■ **About this exercise**
If a line in the entries below includes "CompositionType", show that line.

Records contained in a dataset
——

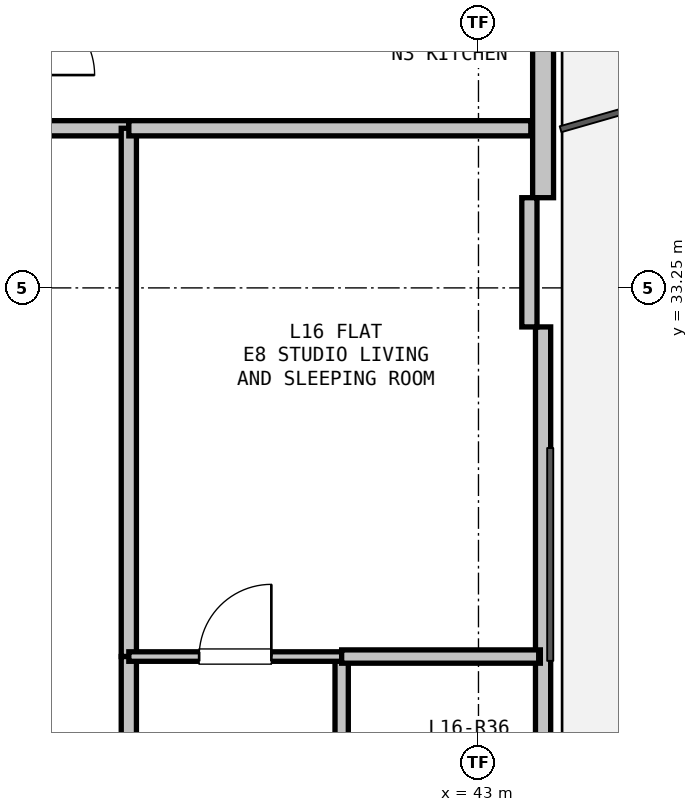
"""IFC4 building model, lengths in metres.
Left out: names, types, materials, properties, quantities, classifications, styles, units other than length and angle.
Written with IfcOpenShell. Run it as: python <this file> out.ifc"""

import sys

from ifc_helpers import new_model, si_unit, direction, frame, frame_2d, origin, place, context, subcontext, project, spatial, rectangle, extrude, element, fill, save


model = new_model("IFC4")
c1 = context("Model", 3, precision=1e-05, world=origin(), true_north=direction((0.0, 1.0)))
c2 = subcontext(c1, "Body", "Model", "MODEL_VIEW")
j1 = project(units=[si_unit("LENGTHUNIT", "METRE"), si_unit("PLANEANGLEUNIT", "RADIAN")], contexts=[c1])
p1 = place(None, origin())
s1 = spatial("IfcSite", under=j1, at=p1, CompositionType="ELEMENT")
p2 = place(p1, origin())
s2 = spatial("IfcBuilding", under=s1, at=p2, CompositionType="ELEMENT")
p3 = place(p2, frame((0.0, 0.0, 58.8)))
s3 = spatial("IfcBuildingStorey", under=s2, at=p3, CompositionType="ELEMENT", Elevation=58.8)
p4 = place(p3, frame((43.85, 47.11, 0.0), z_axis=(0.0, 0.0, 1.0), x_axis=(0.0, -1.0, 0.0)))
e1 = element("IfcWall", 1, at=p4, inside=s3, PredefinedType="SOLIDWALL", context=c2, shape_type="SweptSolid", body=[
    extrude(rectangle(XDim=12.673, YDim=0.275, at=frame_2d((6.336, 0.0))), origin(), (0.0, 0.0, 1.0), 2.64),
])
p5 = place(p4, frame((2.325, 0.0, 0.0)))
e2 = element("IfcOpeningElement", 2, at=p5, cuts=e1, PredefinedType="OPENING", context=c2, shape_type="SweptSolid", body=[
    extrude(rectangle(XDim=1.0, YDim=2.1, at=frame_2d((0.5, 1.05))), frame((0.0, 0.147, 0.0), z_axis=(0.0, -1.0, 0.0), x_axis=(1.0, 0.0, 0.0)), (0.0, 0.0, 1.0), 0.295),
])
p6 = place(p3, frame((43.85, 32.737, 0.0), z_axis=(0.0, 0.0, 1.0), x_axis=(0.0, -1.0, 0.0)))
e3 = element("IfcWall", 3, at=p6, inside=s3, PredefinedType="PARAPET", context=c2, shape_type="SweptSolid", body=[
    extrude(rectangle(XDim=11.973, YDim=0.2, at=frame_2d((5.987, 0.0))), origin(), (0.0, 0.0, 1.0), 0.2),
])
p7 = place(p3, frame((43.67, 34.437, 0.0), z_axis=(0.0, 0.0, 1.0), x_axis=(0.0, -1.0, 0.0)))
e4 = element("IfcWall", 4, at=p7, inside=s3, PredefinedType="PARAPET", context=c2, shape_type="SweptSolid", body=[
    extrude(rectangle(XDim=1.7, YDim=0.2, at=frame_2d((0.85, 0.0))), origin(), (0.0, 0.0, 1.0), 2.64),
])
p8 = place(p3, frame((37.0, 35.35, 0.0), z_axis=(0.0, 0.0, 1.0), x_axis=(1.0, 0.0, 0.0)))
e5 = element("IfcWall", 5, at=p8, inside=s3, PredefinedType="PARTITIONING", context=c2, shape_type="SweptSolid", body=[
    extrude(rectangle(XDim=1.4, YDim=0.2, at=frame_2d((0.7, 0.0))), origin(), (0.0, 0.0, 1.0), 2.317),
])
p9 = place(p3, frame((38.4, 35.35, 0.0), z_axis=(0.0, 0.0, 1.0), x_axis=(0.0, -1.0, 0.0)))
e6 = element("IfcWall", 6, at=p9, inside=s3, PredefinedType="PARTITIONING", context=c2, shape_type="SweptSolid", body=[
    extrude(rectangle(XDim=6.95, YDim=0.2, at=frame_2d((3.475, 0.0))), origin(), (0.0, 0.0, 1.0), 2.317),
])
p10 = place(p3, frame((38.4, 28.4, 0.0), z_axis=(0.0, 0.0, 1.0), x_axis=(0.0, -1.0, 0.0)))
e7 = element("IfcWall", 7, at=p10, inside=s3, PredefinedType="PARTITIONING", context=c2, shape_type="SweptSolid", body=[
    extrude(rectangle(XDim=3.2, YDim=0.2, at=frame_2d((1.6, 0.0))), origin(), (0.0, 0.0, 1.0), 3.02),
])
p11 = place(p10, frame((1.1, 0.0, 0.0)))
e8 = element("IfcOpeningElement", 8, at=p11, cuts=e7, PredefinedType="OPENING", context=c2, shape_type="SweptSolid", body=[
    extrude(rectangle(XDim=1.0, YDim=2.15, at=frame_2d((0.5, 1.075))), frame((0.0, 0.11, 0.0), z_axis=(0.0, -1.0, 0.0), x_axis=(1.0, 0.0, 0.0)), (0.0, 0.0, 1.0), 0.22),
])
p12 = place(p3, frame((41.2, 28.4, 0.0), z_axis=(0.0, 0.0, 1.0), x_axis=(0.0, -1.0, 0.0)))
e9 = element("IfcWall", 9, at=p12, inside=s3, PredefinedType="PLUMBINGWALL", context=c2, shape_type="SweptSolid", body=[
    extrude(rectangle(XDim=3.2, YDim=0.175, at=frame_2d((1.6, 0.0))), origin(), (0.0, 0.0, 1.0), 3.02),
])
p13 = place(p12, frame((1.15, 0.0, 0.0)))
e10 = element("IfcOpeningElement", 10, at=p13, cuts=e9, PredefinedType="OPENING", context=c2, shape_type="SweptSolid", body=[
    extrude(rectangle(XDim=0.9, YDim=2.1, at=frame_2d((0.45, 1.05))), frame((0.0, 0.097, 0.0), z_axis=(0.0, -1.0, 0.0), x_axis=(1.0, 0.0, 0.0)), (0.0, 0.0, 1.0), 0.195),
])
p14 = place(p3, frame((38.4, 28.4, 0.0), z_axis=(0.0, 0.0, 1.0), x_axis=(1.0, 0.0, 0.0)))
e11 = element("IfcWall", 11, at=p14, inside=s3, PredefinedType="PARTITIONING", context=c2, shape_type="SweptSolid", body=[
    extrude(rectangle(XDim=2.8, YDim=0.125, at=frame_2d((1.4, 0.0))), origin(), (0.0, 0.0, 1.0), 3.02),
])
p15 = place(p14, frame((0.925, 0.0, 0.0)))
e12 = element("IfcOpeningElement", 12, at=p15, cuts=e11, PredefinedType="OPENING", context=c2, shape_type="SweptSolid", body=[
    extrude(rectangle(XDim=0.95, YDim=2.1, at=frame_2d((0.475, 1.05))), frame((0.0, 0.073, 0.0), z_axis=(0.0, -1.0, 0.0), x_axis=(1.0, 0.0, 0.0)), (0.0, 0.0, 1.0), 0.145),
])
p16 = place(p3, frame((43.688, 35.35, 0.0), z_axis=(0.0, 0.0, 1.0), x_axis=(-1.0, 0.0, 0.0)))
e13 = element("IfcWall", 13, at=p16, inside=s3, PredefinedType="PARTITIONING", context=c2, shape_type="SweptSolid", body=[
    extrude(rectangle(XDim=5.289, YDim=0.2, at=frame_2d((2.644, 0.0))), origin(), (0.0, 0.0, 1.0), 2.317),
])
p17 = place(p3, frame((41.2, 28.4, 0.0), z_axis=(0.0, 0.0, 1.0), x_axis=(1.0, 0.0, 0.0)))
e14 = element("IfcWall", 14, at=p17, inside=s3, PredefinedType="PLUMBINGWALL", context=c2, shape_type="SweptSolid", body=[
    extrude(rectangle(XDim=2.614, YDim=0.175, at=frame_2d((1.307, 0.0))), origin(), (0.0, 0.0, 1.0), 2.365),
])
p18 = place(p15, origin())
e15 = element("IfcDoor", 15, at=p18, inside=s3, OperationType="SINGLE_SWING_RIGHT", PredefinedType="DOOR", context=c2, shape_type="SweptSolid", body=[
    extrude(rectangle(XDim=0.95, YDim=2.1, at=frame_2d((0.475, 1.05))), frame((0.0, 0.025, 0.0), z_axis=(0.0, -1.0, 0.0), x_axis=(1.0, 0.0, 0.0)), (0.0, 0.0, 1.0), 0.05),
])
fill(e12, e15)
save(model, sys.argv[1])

——

■ **Output**
s1 = spatial("IfcSite", under=j1, at=p1, CompositionType="ELEMENT")
s2 = spatial("IfcBuilding", under=s1, at=p2, CompositionType="ELEMENT")
s3 = spatial("IfcBuildingStorey", under=s2, at=p3, CompositionType="ELEMENT", Elevation=58.8)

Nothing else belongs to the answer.